Look through the entries below and count the lines with the word "direction" in them; give only the number.

Segment Open

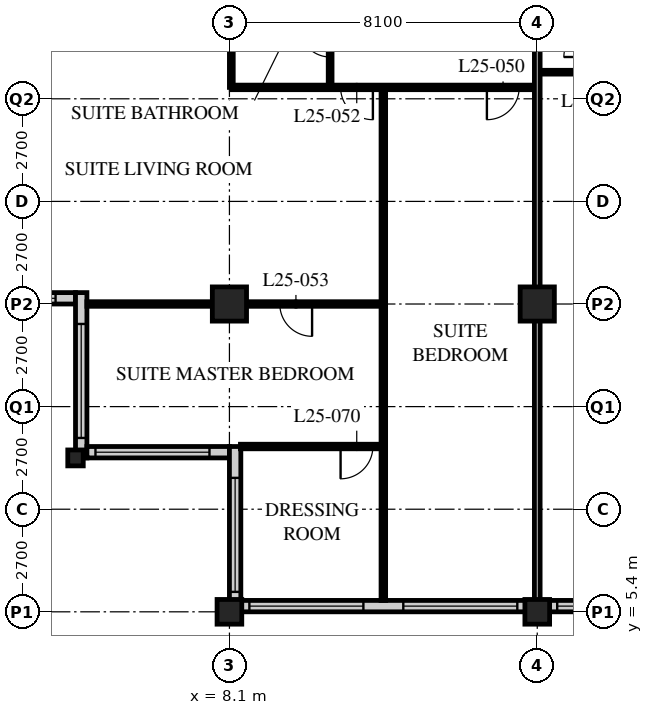
"""IFC4 building model, lengths in metres.
Left out: names, types, materials, properties, quantities, classifications, styles, units other than length and angle.
Written with IfcOpenShell. Run it as: python <this file> out.ifc"""

import sys

from ifc_helpers import new_model, si_unit, direction, frame, frame_2d, origin, origin_2d, place, context, subcontext, project, spatial, rectangle, hollow_rectangle, i_section, extrude, element, fill, save


model = new_model("IFC4")
c1 = context("Model", 3, precision=1e-05, world=origin(), true_north=direction((0.0, 1.0)))
c2 = subcontext(c1, "Body", "Model", "MODEL_VIEW")
j1 = project(units=[si_unit("LENGTHUNIT", "METRE"), si_unit("PLANEANGLEUNIT", "RADIAN")], contexts=[c1])
p1 = place(None, origin())
s1 = spatial("IfcSite", under=j1, at=p1, CompositionType="ELEMENT")
p2 = place(p1, origin())
s2 = spatial("IfcBuilding", under=s1, at=p2, CompositionType="ELEMENT")
p3 = place(p2, frame((0.0, 0.0, 103.4)))
s3 = spatial("IfcBuildingStorey", under=s2, at=p3, CompositionType="ELEMENT", Elevation=103.4)
p4 = place(p3, frame((4.05, 9.45, 0.0), z_axis=(0.0, 0.0, 1.0), x_axis=(1.0, 0.0, 0.0)))
e1 = element("IfcColumn", 1, at=p4, inside=s3, PredefinedType="COLUMN", context=c2, shape_type="SweptSolid", body=[
    extrude(i_section(OverallWidth=0.407, OverallDepth=0.419, WebThickness=0.031, FlangeThickness=0.049, FilletRadius=0.015, at=origin_2d()), origin(), (0.0, 0.0, 1.0), 3.4),
])
p5 = place(p3, frame((8.1, 5.4, 0.0), z_axis=(0.0, 0.0, 1.0), x_axis=(1.0, 0.0, 0.0)))
e2 = element("IfcColumn", 2, at=p5, inside=s3, PredefinedType="COLUMN", context=c2, shape_type="SweptSolid", body=[
    extrude(hollow_rectangle(XDim=0.65, YDim=0.65, WallThickness=0.055, at=origin_2d()), origin(), (0.0, 0.0, 1.0), 3.4),
])
p6 = place(p3, frame((8.1, 13.5, 0.0), z_axis=(0.0, 0.0, 1.0), x_axis=(1.0, 0.0, 0.0)))
e3 = element("IfcColumn", 3, at=p6, inside=s3, PredefinedType="COLUMN", context=c2, shape_type="SweptSolid", body=[
    extrude(hollow_rectangle(XDim=0.9, YDim=0.9, WallThickness=0.1, at=origin_2d()), origin(), (0.0, 0.0, 1.0), 3.4),
])
p7 = place(p3, frame((16.2, 5.4, 0.0), z_axis=(0.0, 0.0, 1.0), x_axis=(1.0, 0.0, 0.0)))
e4 = element("IfcColumn", 4, at=p7, inside=s3, PredefinedType="COLUMN", context=c2, shape_type="SweptSolid", body=[
    extrude(hollow_rectangle(XDim=0.65, YDim=0.65, WallThickness=0.055, at=origin_2d()), origin(), (0.0, 0.0, 1.0), 3.4),
])
p8 = place(p3, frame((16.2, 13.5, 0.0), z_axis=(0.0, 0.0, 1.0), x_axis=(1.0, 0.0, 0.0)))
e5 = element("IfcColumn", 5, at=p8, inside=s3, PredefinedType="COLUMN", context=c2, shape_type="SweptSolid", body=[
    extrude(hollow_rectangle(XDim=0.9, YDim=0.9, WallThickness=0.1, at=origin_2d()), origin(), (0.0, 0.0, 1.0), 3.4),
])
p9 = place(p3, frame((8.4, 5.55, 0.0), z_axis=(0.0, 0.0, 1.0), x_axis=(1.0, 0.0, 0.0)))
e6 = element("IfcWall", 6, at=p9, inside=s3, PredefinedType="SOLIDWALL", context=c2, shape_type="SweptSolid", body=[
    extrude(rectangle(XDim=40.2, YDim=0.3, at=frame_2d((20.1, 0.0))), origin(), (0.0, 0.0, 1.0), 3.19),
])
p10 = place(p9, frame((0.225, 0.0, 0.9)))
e7 = element("IfcOpeningElement", 7, at=p10, cuts=e6, PredefinedType="OPENING", context=c2, shape_type="SweptSolid", body=[
    extrude(rectangle(XDim=3.0, YDim=2.0, at=frame_2d((1.5, 1.0))), frame((0.0, 0.16, 0.0), z_axis=(0.0, -1.0, 0.0), x_axis=(1.0, 0.0, 0.0)), (0.0, 0.0, 1.0), 0.32),
])
p11 = place(p9, frame((4.275, 0.0, 0.9)))
e8 = element("IfcOpeningElement", 8, at=p11, cuts=e6, PredefinedType="OPENING", context=c2, shape_type="SweptSolid", body=[
    extrude(rectangle(XDim=3.0, YDim=2.0, at=frame_2d((1.5, 1.0))), frame((0.0, 0.16, 0.0), z_axis=(0.0, -1.0, 0.0), x_axis=(1.0, 0.0, 0.0)), (0.0, 0.0, 1.0), 0.32),
])
p12 = place(p9, frame((8.325, 0.0, 0.9)))
e9 = element("IfcOpeningElement", 9, at=p12, cuts=e6, PredefinedType="OPENING", context=c2, shape_type="SweptSolid", body=[
    extrude(rectangle(XDim=3.0, YDim=2.0, at=frame_2d((1.5, 1.0))), frame((0.0, 0.16, 0.0), z_axis=(0.0, -1.0, 0.0), x_axis=(1.0, 0.0, 0.0)), (0.0, 0.0, 1.0), 0.32),
])
p13 = place(p9, frame((12.375, 0.0, 0.9)))
e10 = element("IfcOpeningElement", 10, at=p13, cuts=e6, PredefinedType="OPENING", context=c2, shape_type="SweptSolid", body=[
    extrude(rectangle(XDim=3.0, YDim=2.0, at=frame_2d((1.5, 1.0))), frame((0.0, 0.16, 0.0), z_axis=(0.0, -1.0, 0.0), x_axis=(1.0, 0.0, 0.0)), (0.0, 0.0, 1.0), 0.32),
])
p14 = place(p9, frame((16.425, 0.0, 0.9)))
e11 = element("IfcOpeningElement", 11, at=p14, cuts=e6, PredefinedType="OPENING", context=c2, shape_type="SweptSolid", body=[
    extrude(rectangle(XDim=3.0, YDim=2.0, at=frame_2d((1.5, 1.0))), frame((0.0, 0.16, 0.0), z_axis=(0.0, -1.0, 0.0), x_axis=(1.0, 0.0, 0.0)), (0.0, 0.0, 1.0), 0.32),
])
p15 = place(p9, frame((20.475, 0.0, 0.9)))
e12 = element("IfcOpeningElement", 12, at=p15, cuts=e6, PredefinedType="OPENING", context=c2, shape_type="SweptSolid", body=[
    extrude(rectangle(XDim=3.0, YDim=2.0, at=frame_2d((1.5, 1.0))), frame((0.0, 0.16, 0.0), z_axis=(0.0, -1.0, 0.0), x_axis=(1.0, 0.0, 0.0)), (0.0, 0.0, 1.0), 0.32),
])
p16 = place(p9, frame((24.525, 0.0, 0.9)))
e13 = element("IfcOpeningElement", 13, at=p16, cuts=e6, PredefinedType="OPENING", context=c2, shape_type="SweptSolid", body=[
    extrude(rectangle(XDim=3.0, YDim=2.0, at=frame_2d((1.5, 1.0))), frame((0.0, 0.16, 0.0), z_axis=(0.0, -1.0, 0.0), x_axis=(1.0, 0.0, 0.0)), (0.0, 0.0, 1.0), 0.32),
])
p17 = place(p9, frame((28.575, 0.0, 0.9)))
e14 = element("IfcOpeningElement", 14, at=p17, cuts=e6, PredefinedType="OPENING", context=c2, shape_type="SweptSolid", body=[
    extrude(rectangle(XDim=3.0, YDim=2.0, at=frame_2d((1.5, 1.0))), frame((0.0, 0.16, 0.0), z_axis=(0.0, -1.0, 0.0), x_axis=(1.0, 0.0, 0.0)), (0.0, 0.0, 1.0), 0.32),
])
p18 = place(p9, frame((32.625, 0.0, 0.9)))
e15 = element("IfcOpeningElement", 15, at=p18, cuts=e6, PredefinedType="OPENING", context=c2, shape_type="SweptSolid", body=[
    extrude(rectangle(XDim=3.0, YDim=2.0, at=frame_2d((1.5, 1.0))), frame((0.0, 0.16, 0.0), z_axis=(0.0, -1.0, 0.0), x_axis=(1.0, 0.0, 0.0)), (0.0, 0.0, 1.0), 0.32),
])
p19 = place(p9, frame((36.675, 0.0, 0.9)))
e16 = element("IfcOpeningElement", 16, at=p19, cuts=e6, PredefinedType="OPENING", context=c2, shape_type="SweptSolid", body=[
    extrude(rectangle(XDim=3.0, YDim=2.0, at=frame_2d((1.5, 1.0))), frame((0.0, 0.16, 0.0), z_axis=(0.0, -1.0, 0.0), x_axis=(1.0, 0.0, 0.0)), (0.0, 0.0, 1.0), 0.32),
])
p20 = place(p3, frame((0.3, 13.65, 0.0), z_axis=(0.0, 0.0, 1.0), x_axis=(1.0, 0.0, 0.0)))
e17 = element("IfcWall", 17, at=p20, inside=s3, PredefinedType="SOLIDWALL", context=c2, shape_type="SweptSolid", body=[
    extrude(rectangle(XDim=3.75, YDim=0.3, at=frame_2d((1.875, 0.0))), origin(), (0.0, 0.0, 1.0), 3.19),
])
p21 = place(p20, frame((0.225, 0.0, 0.9)))
e18 = element("IfcOpeningElement", 18, at=p21, cuts=e17, PredefinedType="OPENING", context=c2, shape_type="SweptSolid", body=[
    extrude(rectangle(XDim=3.0, YDim=1.5, at=frame_2d((1.5, 0.75))), frame((0.0, 0.16, 0.0), z_axis=(0.0, -1.0, 0.0), x_axis=(1.0, 0.0, 0.0)), (0.0, 0.0, 1.0), 0.32),
])
p22 = place(p3, frame((4.2, 13.8, 0.0), z_axis=(0.0, 0.0, 1.0), x_axis=(0.0, -1.0, 0.0)))
e19 = element("IfcWall", 19, at=p22, inside=s3, PredefinedType="SOLIDWALL", context=c2, shape_type="SweptSolid", body=[
    extrude(rectangle(XDim=4.35, YDim=0.3, at=frame_2d((2.175, 0.0))), origin(), (0.0, 0.0, 1.0), 3.19),
])
p23 = place(p22, frame((0.825, 0.0, 0.9)))
e20 = element("IfcOpeningElement", 20, at=p23, cuts=e19, PredefinedType="OPENING", context=c2, shape_type="SweptSolid", body=[
    extrude(rectangle(XDim=3.0, YDim=1.5, at=frame_2d((1.5, 0.75))), frame((0.0, 0.16, 0.0), z_axis=(0.0, -1.0, 0.0), x_axis=(1.0, 0.0, 0.0)), (0.0, 0.0, 1.0), 0.32),
])
p24 = place(p3, frame((4.35, 9.6, 0.0), z_axis=(0.0, 0.0, 1.0), x_axis=(1.0, 0.0, 0.0)))
e21 = element("IfcWall", 21, at=p24, inside=s3, PredefinedType="SOLIDWALL", context=c2, shape_type="SweptSolid", body=[
    extrude(rectangle(XDim=3.75, YDim=0.3, at=frame_2d((1.875, 0.0))), origin(), (0.0, 0.0, 1.0), 3.19),
])
p25 = place(p24, frame((0.225, 0.0, 0.9)))
e22 = element("IfcOpeningElement", 22, at=p25, cuts=e21, PredefinedType="OPENING", context=c2, shape_type="SweptSolid", body=[
    extrude(rectangle(XDim=3.0, YDim=1.5, at=frame_2d((1.5, 0.75))), frame((0.0, 0.16, 0.0), z_axis=(0.0, -1.0, 0.0), x_axis=(1.0, 0.0, 0.0)), (0.0, 0.0, 1.0), 0.32),
])
p26 = place(p3, frame((8.25, 9.75, 0.0), z_axis=(0.0, 0.0, 1.0), x_axis=(0.0, -1.0, 0.0)))
e23 = element("IfcWall", 23, at=p26, inside=s3, PredefinedType="SOLIDWALL", context=c2, shape_type="SweptSolid", body=[
    extrude(rectangle(XDim=4.35, YDim=0.3, at=frame_2d((2.175, 0.0))), origin(), (0.0, 0.0, 1.0), 3.19),
])
p27 = place(p26, frame((0.825, 0.0, 0.9)))
e24 = element("IfcOpeningElement", 24, at=p27, cuts=e23, PredefinedType="OPENING", context=c2, shape_type="SweptSolid", body=[
    extrude(rectangle(XDim=3.0, YDim=1.5, at=frame_2d((1.5, 0.75))), frame((0.0, 0.16, 0.0), z_axis=(0.0, -1.0, 0.0), x_axis=(1.0, 0.0, 0.0)), (0.0, 0.0, 1.0), 0.32),
])
p28 = place(p3, frame((16.2, 19.6, 0.0), z_axis=(0.0, 0.0, 1.0), x_axis=(1.0, 0.0, 0.0)))
e25 = element("IfcWall", 25, at=p28, inside=s3, PredefinedType="PARTITIONING", context=c2, shape_type="SweptSolid", body=[
    extrude(rectangle(XDim=1.5, YDim=0.1, at=frame_2d((0.75, 0.0))), origin(), (0.0, 0.0, 1.0), 3.19),
])
p29 = place(p3, frame((10.75, 21.6, 0.0), z_axis=(0.0, 0.0, 1.0), x_axis=(0.0, -1.0, 0.0)))
e26 = element("IfcWall", 26, at=p29, inside=s3, PredefinedType="PARTITIONING", context=c2, shape_type="SweptSolid", body=[
    extrude(rectangle(XDim=2.4, YDim=0.1, at=frame_2d((1.2, 0.0))), origin(), (0.0, 0.0, 1.0), 3.19),
])
p30 = place(p29, frame((0.8, 0.0, 0.0)))
e27 = element("IfcOpeningElement", 27, at=p30, cuts=e26, PredefinedType="OPENING", context=c2, shape_type="SweptSolid", body=[
    extrude(rectangle(XDim=0.8, YDim=2.1, at=frame_2d((0.4, 1.05))), frame((0.0, 0.06, 0.0), z_axis=(0.0, -1.0, 0.0), x_axis=(1.0, 0.0, 0.0)), (0.0, 0.0, 1.0), 0.12),
])
p31 = place(p3, frame((8.15, 21.6, 0.0), z_axis=(0.0, 0.0, 1.0), x_axis=(0.0, -1.0, 0.0)))
e28 = element("IfcWall", 28, at=p31, inside=s3, PredefinedType="PARTITIONING", context=c2, shape_type="SweptSolid", body=[
    extrude(rectangle(XDim=2.4, YDim=0.1, at=frame_2d((1.2, 0.0))), origin(), (0.0, 0.0, 1.0), 2.578),
])
p32 = place(p3, frame((8.15, 19.2, 0.0), z_axis=(0.0, 0.0, 1.0), x_axis=(1.0, 0.0, 0.0)))
e29 = element("IfcWall", 29, at=p32, inside=s3, PredefinedType="PARTITIONING", context=c2, shape_type="SweptSolid", body=[
    extrude(rectangle(XDim=8.05, YDim=0.12, at=frame_2d((4.025, 0.0))), origin(), (0.0, 0.0, 1.0), 3.19),
])
p33 = place(p32, frame((6.725, 0.0, 0.0)))
e30 = element("IfcOpeningElement", 30, at=p33, cuts=e29, PredefinedType="OPENING", context=c2, shape_type="SweptSolid", body=[
    extrude(rectangle(XDim=0.85, YDim=2.1, at=frame_2d((0.425, 1.05))), frame((0.0, 0.07, 0.0), z_axis=(0.0, -1.0, 0.0), x_axis=(1.0, 0.0, 0.0)), (0.0, 0.0, 1.0), 0.14),
])
p34 = place(p32, frame((2.875, 0.0, 0.0)))
e31 = element("IfcOpeningElement", 31, at=p34, cuts=e29, PredefinedType="OPENING", context=c2, shape_type="SweptSolid", body=[
    extrude(rectangle(XDim=0.85, YDim=2.1, at=frame_2d((0.425, 1.05))), frame((0.0, 0.07, 0.0), z_axis=(0.0, -1.0, 0.0), x_axis=(1.0, 0.0, 0.0)), (0.0, 0.0, 1.0), 0.14),
])
p35 = place(p3, frame((12.15, 19.2, 0.0), z_axis=(0.0, 0.0, 1.0), x_axis=(0.0, -1.0, 0.0)))
e32 = element("IfcWall", 32, at=p35, inside=s3, PredefinedType="PARTITIONING", context=c2, shape_type="SweptSolid", body=[
    extrude(rectangle(XDim=13.5, YDim=0.12, at=frame_2d((6.75, 0.0))), origin(), (0.0, 0.0, 1.0), 3.19),
])
p36 = place(p3, frame((12.15, 13.5, 0.0), z_axis=(0.0, 0.0, 1.0), x_axis=(-1.0, 0.0, 0.0)))
e33 = element("IfcWall", 33, at=p36, inside=s3, PredefinedType="PARTITIONING", context=c2, shape_type="SweptSolid", body=[
    extrude(rectangle(XDim=7.8, YDim=0.12, at=frame_2d((3.9, 0.0))), origin(), (0.0, 0.0, 1.0), 2.578),
])
p37 = place(p36, frame((1.875, 0.0, 0.0)))
e34 = element("IfcOpeningElement", 34, at=p37, cuts=e33, PredefinedType="OPENING", context=c2, shape_type="SweptSolid", body=[
    extrude(rectangle(XDim=0.85, YDim=2.1, at=frame_2d((0.425, 1.05))), frame((0.0, 0.07, 0.0), z_axis=(0.0, -1.0, 0.0), x_axis=(1.0, 0.0, 0.0)), (0.0, 0.0, 1.0), 0.14),
])
p38 = place(p3, frame((16.2, 21.6, 0.0), z_axis=(0.0, 0.0, 1.0), x_axis=(0.0, -1.0, 0.0)))
e35 = element("IfcWall", 35, at=p38, inside=s3, PredefinedType="PARTITIONING", context=c2, shape_type="SweptSolid", body=[
    extrude(rectangle(XDim=15.9, YDim=0.15, at=frame_2d((7.95, 0.0))), origin(), (0.0, 0.0, 1.0), 2.578),
])
p39 = place(p3, frame((8.39, 9.75, 0.0), z_axis=(0.0, 0.0, 1.0), x_axis=(1.0, 0.0, 0.0)))
e36 = element("IfcWall", 36, at=p39, inside=s3, PredefinedType="PARTITIONING", context=c2, shape_type="SweptSolid", body=[
    extrude(rectangle(XDim=3.76, YDim=0.12, at=frame_2d((1.88, 0.0))), origin(), (0.0, 0.0, 1.0), 3.19),
])
p40 = place(p39, frame((2.635, 0.0, 0.0)))
e37 = element("IfcOpeningElement", 37, at=p40, cuts=e36, PredefinedType="OPENING", context=c2, shape_type="SweptSolid", body=[
    extrude(rectangle(XDim=0.85, YDim=2.1, at=frame_2d((0.425, 1.05))), frame((0.0, 0.07, 0.0), z_axis=(0.0, -1.0, 0.0), x_axis=(1.0, 0.0, 0.0)), (0.0, 0.0, 1.0), 0.14),
])
p41 = place(p10, origin())
e38 = element("IfcWindow", 38, at=p41, inside=s3, PartitioningType="SINGLE_PANEL", PredefinedType="WINDOW", context=c2, shape_type="SweptSolid", body=[
    extrude(rectangle(XDim=3.0, YDim=2.0, at=frame_2d((1.5, 1.0))), frame((0.0, 0.03, 0.0), z_axis=(0.0, -1.0, 0.0), x_axis=(1.0, 0.0, 0.0)), (0.0, 0.0, 1.0), 0.06),
])
fill(e7, e38)
p42 = place(p11, origin())
e39 = element("IfcWindow", 39, at=p42, inside=s3, PartitioningType="SINGLE_PANEL", PredefinedType="WINDOW", context=c2, shape_type="SweptSolid", body=[
    extrude(rectangle(XDim=3.0, YDim=2.0, at=frame_2d((1.5, 1.0))), frame((0.0, 0.03, 0.0), z_axis=(0.0, -1.0, 0.0), x_axis=(1.0, 0.0, 0.0)), (0.0, 0.0, 1.0), 0.06),
])
fill(e8, e39)
p43 = place(p12, origin())
e40 = element("IfcWindow", 40, at=p43, inside=s3, PartitioningType="SINGLE_PANEL", PredefinedType="WINDOW", context=c2, shape_type="SweptSolid", body=[
    extrude(rectangle(XDim=3.0, YDim=2.0, at=frame_2d((1.5, 1.0))), frame((0.0, 0.03, 0.0), z_axis=(0.0, -1.0, 0.0), x_axis=(1.0, 0.0, 0.0)), (0.0, 0.0, 1.0), 0.06),
])
fill(e9, e40)
p44 = place(p21, origin())
e41 = element("IfcWindow", 41, at=p44, inside=s3, PartitioningType="SINGLE_PANEL", PredefinedType="WINDOW", context=c2, shape_type="SweptSolid", body=[
    extrude(rectangle(XDim=3.0, YDim=1.5, at=frame_2d((1.5, 0.75))), frame((0.0, 0.03, 0.0), z_axis=(0.0, -1.0, 0.0), x_axis=(1.0, 0.0, 0.0)), (0.0, 0.0, 1.0), 0.06),
])
fill(e18, e41)
p45 = place(p23, origin())
e42 = element("IfcWindow", 42, at=p45, inside=s3, PartitioningType="SINGLE_PANEL", PredefinedType="WINDOW", context=c2, shape_type="SweptSolid", body=[
    extrude(rectangle(XDim=3.0, YDim=1.5, at=frame_2d((1.5, 0.75))), frame((0.0, 0.03, 0.0), z_axis=(0.0, -1.0, 0.0), x_axis=(1.0, 0.0, 0.0)), (0.0, 0.0, 1.0), 0.06),
])
fill(e20, e42)
p46 = place(p25, origin())
e43 = element("IfcWindow", 43, at=p46, inside=s3, PartitioningType="SINGLE_PANEL", PredefinedType="WINDOW", context=c2, shape_type="SweptSolid", body=[
    extrude(rectangle(XDim=3.0, YDim=1.5, at=frame_2d((1.5, 0.75))), frame((0.0, 0.03, 0.0), z_axis=(0.0, -1.0, 0.0), x_axis=(1.0, 0.0, 0.0)), (0.0, 0.0, 1.0), 0.06),
])
fill(e22, e43)
p47 = place(p27, origin())
e44 = element("IfcWindow", 44, at=p47, inside=s3, PartitioningType="SINGLE_PANEL", PredefinedType="WINDOW", context=c2, shape_type="SweptSolid", body=[
    extrude(rectangle(XDim=3.0, YDim=1.5, at=frame_2d((1.5, 0.75))), frame((0.0, 0.03, 0.0), z_axis=(0.0, -1.0, 0.0), x_axis=(1.0, 0.0, 0.0)), (0.0, 0.0, 1.0), 0.06),
])
fill(e24, e44)
p48 = place(p33, origin())
e45 = element("IfcDoor", 45, at=p48, inside=s3, OperationType="SINGLE_SWING_RIGHT", PredefinedType="DOOR", context=c2, shape_type="SweptSolid", body=[
    extrude(rectangle(XDim=0.85, YDim=2.1, at=frame_2d((0.425, 1.05))), frame((0.0, 0.025, 0.0), z_axis=(0.0, -1.0, 0.0), x_axis=(1.0, 0.0, 0.0)), (0.0, 0.0, 1.0), 0.05),
])
fill(e30, e45)
p49 = place(p30, origin())
e46 = element("IfcDoor", 46, at=p49, inside=s3, OperationType="SINGLE_SWING_RIGHT", PredefinedType="DOOR", context=c2, shape_type="SweptSolid", body=[
    extrude(rectangle(XDim=0.8, YDim=2.1, at=frame_2d((0.4, 1.05))), frame((0.0, 0.025, 0.0), z_axis=(0.0, -1.0, 0.0), x_axis=(1.0, 0.0, 0.0)), (0.0, 0.0, 1.0), 0.05),
])
fill(e27, e46)
p50 = place(p34, origin())
e47 = element("IfcDoor", 47, at=p50, inside=s3, OperationType="SINGLE_SWING_LEFT", PredefinedType="DOOR", context=c2, shape_type="SweptSolid", body=[
    extrude(rectangle(XDim=0.85, YDim=2.1, at=frame_2d((0.425, 1.05))), frame((0.0, 0.025, 0.0), z_axis=(0.0, -1.0, 0.0), x_axis=(1.0, 0.0, 0.0)), (0.0, 0.0, 1.0), 0.05),
])
fill(e31, e47)
p51 = place(p37, origin())
e48 = element("IfcDoor", 48, at=p51, inside=s3, OperationType="SINGLE_SWING_LEFT", PredefinedType="DOOR", context=c2, shape_type="SweptSolid", body=[
    extrude(rectangle(XDim=0.85, YDim=2.1, at=frame_2d((0.425, 1.05))), frame((0.0, 0.025, 0.0), z_axis=(0.0, -1.0, 0.0), x_axis=(1.0, 0.0, 0.0)), (0.0, 0.0, 1.0), 0.05),
])
fill(e34, e48)
p52 = place(p40, origin())
e49 = element("IfcDoor", 49, at=p52, inside=s3, OperationType="SINGLE_SWING_RIGHT", PredefinedType="DOOR", context=c2, shape_type="SweptSolid", body=[
    extrude(rectangle(XDim=0.85, YDim=2.1, at=frame_2d((0.425, 1.05))), frame((0.0, 0.025, 0.0), z_axis=(0.0, -1.0, 0.0), x_axis=(1.0, 0.0, 0.0)), (0.0, 0.0, 1.0), 0.05),
])
fill(e37, e49)
save(model, sys.argv[1])

Segment Closed

> Response to this task:
2